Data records
──────────────────────────────

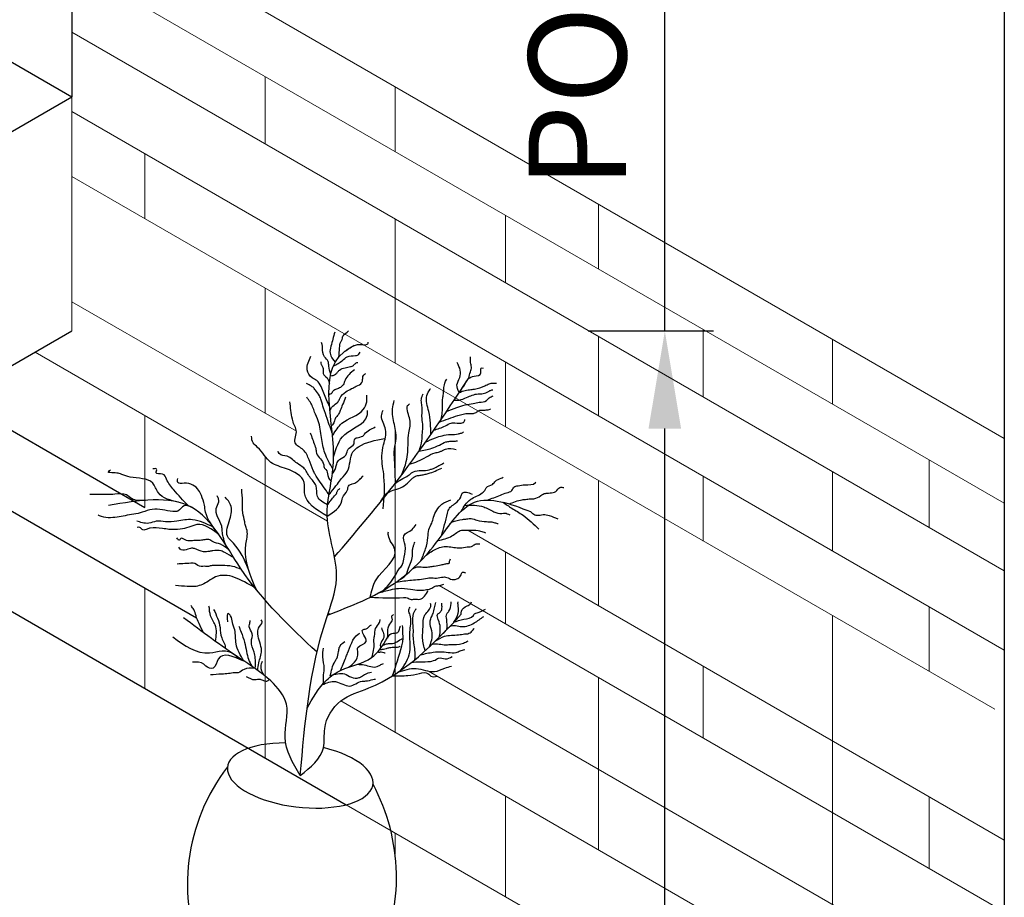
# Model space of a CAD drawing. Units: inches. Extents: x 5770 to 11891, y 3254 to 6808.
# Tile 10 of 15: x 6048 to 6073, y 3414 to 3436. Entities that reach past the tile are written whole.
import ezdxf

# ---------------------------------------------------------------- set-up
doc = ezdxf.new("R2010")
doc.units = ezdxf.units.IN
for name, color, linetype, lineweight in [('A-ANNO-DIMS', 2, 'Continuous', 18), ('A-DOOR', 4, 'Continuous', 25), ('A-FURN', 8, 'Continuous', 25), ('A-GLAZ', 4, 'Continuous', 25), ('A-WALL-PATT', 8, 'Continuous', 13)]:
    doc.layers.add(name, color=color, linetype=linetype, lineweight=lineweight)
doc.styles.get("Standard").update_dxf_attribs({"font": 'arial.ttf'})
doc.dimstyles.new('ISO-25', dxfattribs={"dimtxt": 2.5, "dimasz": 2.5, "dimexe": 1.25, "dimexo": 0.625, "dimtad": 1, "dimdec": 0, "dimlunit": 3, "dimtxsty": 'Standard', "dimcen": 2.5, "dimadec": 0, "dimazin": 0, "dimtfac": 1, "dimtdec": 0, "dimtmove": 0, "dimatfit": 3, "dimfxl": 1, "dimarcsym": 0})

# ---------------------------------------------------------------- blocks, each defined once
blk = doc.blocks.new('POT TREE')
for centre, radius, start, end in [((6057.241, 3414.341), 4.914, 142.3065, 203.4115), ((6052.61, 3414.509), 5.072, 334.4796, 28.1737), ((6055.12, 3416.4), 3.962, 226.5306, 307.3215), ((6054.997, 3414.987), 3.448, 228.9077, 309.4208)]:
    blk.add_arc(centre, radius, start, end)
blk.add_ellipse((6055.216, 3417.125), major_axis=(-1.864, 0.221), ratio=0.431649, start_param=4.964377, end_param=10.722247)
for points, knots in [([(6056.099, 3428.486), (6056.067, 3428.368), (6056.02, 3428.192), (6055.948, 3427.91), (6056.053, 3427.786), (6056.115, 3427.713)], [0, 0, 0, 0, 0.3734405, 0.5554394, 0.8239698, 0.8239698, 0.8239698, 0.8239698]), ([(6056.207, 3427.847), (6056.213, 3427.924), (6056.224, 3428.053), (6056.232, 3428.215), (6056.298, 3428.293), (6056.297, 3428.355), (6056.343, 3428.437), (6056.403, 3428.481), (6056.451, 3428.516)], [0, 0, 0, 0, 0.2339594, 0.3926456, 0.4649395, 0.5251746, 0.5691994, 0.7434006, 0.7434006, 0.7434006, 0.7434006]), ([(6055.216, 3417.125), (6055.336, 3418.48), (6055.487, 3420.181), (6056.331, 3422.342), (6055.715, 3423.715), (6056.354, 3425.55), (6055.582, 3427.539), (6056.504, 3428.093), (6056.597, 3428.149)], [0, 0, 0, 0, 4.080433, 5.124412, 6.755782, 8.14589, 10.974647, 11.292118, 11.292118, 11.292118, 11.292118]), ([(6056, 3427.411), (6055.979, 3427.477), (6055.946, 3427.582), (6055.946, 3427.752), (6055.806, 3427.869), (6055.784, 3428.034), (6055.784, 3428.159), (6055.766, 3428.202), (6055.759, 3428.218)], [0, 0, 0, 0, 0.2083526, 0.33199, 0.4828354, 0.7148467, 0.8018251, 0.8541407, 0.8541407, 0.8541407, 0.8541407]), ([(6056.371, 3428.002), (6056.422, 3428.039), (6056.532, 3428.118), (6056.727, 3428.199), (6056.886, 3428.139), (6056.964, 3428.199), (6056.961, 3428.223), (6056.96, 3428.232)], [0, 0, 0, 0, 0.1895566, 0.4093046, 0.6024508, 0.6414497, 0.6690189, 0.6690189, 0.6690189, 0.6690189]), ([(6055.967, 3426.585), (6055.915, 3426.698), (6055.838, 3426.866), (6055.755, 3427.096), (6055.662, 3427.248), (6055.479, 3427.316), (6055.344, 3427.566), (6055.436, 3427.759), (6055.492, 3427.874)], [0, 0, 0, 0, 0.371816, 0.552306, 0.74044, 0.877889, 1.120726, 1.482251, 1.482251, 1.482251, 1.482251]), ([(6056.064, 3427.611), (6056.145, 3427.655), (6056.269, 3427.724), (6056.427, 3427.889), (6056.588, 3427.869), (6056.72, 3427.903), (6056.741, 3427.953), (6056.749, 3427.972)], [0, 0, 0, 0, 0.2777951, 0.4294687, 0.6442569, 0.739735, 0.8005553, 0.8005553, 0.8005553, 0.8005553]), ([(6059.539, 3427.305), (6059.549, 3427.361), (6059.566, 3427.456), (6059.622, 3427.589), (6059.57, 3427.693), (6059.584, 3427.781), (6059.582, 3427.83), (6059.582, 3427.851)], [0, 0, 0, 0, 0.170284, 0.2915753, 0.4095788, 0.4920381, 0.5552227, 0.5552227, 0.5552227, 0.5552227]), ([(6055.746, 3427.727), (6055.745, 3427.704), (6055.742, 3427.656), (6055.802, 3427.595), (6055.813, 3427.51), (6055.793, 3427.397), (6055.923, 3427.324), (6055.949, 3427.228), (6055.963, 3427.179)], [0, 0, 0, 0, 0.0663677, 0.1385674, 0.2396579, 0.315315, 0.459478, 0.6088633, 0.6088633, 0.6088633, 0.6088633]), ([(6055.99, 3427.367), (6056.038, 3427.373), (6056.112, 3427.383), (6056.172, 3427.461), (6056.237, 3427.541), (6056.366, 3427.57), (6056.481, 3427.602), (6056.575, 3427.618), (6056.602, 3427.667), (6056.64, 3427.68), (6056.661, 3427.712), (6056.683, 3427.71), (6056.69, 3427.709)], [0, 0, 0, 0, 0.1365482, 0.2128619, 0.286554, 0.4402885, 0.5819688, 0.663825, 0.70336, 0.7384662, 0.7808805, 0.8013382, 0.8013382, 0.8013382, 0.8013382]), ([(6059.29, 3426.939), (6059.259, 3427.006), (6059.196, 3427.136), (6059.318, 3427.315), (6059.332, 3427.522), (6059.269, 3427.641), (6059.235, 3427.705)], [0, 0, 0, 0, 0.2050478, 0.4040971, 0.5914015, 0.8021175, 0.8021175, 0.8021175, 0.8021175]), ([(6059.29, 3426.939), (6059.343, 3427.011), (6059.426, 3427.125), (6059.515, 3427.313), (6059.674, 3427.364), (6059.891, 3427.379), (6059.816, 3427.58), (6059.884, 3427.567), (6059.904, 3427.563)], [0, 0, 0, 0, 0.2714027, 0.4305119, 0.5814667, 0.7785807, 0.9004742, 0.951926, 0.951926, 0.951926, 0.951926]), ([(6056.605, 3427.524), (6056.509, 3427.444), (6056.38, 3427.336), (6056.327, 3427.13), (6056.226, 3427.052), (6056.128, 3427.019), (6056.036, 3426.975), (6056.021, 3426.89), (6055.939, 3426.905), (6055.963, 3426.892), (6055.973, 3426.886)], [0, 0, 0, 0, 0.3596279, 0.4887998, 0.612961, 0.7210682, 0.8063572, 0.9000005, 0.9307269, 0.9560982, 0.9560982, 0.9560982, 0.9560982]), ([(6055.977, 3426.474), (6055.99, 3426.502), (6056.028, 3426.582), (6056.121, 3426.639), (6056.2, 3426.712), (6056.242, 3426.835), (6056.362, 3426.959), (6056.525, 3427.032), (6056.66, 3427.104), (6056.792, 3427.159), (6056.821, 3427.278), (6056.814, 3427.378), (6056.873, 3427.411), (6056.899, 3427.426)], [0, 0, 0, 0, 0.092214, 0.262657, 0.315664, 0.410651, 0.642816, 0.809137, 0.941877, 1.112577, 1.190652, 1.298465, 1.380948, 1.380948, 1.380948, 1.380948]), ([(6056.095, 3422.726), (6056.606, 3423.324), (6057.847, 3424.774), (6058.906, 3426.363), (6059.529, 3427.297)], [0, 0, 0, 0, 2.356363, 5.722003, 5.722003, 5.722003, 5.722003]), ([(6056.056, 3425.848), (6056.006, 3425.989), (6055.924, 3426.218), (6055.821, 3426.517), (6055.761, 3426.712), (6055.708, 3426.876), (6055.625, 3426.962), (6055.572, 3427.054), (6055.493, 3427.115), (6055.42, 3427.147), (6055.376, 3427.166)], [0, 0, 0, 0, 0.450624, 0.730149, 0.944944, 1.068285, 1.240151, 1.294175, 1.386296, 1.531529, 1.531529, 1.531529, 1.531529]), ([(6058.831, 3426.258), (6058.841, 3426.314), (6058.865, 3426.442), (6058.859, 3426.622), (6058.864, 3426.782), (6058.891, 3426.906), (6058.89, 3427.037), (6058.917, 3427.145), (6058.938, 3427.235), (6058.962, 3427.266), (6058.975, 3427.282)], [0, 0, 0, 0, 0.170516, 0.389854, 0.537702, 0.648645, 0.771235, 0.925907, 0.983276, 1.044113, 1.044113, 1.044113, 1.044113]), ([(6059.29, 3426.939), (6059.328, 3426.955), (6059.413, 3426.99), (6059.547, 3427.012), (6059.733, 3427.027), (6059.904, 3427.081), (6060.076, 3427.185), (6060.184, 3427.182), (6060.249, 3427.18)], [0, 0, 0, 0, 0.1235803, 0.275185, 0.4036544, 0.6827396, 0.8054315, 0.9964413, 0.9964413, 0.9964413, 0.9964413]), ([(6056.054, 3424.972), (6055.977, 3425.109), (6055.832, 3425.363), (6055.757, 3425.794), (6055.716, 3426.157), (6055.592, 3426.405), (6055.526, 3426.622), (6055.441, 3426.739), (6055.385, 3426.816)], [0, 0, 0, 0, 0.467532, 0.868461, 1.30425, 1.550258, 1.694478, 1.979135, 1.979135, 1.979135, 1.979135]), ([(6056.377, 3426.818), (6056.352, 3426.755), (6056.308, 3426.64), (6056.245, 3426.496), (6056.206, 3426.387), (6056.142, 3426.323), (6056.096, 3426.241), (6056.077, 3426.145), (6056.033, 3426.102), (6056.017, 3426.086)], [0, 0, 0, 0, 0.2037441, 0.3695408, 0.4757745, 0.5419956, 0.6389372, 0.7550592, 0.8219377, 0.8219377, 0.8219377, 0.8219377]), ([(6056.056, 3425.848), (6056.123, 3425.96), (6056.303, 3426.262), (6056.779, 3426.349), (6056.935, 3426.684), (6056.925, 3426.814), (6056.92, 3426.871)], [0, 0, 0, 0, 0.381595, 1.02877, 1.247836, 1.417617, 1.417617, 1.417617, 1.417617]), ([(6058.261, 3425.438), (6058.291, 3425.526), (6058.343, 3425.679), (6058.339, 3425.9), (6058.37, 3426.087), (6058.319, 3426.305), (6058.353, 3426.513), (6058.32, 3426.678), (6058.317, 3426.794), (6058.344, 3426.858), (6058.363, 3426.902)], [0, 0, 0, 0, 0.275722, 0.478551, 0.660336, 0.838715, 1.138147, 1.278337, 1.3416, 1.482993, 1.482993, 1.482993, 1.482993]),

──────────────────────────────

TASK ITEM → Output only an exact transcription of the lines above from the one with "for name, color, linetype, lineweight" up to and including the one with "ratio=0.431649, start_param=4.964377, end_param=10.722247)".

ANSWER FOR THIS EXERCISE →
for name, color, linetype, lineweight in [('A-ANNO-DIMS', 2, 'Continuous', 18), ('A-DOOR', 4, 'Continuous', 25), ('A-FURN', 8, 'Continuous', 25), ('A-GLAZ', 4, 'Continuous', 25), ('A-WALL-PATT', 8, 'Continuous', 13)]:
    doc.layers.add(name, color=color, linetype=linetype, lineweight=lineweight)
doc.styles.get("Standard").update_dxf_attribs({"font": 'arial.ttf'})
doc.dimstyles.new('ISO-25', dxfattribs={"dimtxt": 2.5, "dimasz": 2.5, "dimexe": 1.25, "dimexo": 0.625, "dimtad": 1, "dimdec": 0, "dimlunit": 3, "dimtxsty": 'Standard', "dimcen": 2.5, "dimadec": 0, "dimazin": 0, "dimtfac": 1, "dimtdec": 0, "dimtmove": 0, "dimatfit": 3, "dimfxl": 1, "dimarcsym": 0})

# ---------------------------------------------------------------- blocks, each defined once
blk = doc.blocks.new('POT TREE')
for centre, radius, start, end in [((6057.241, 3414.341), 4.914, 142.3065, 203.4115), ((6052.61, 3414.509), 5.072, 334.4796, 28.1737), ((6055.12, 3416.4), 3.962, 226.5306, 307.3215), ((6054.997, 3414.987), 3.448, 228.9077, 309.4208)]:
    blk.add_arc(centre, radius, start, end)
blk.add_ellipse((6055.216, 3417.125), major_axis=(-1.864, 0.221), ratio=0.431649, start_param=4.964377, end_param=10.722247)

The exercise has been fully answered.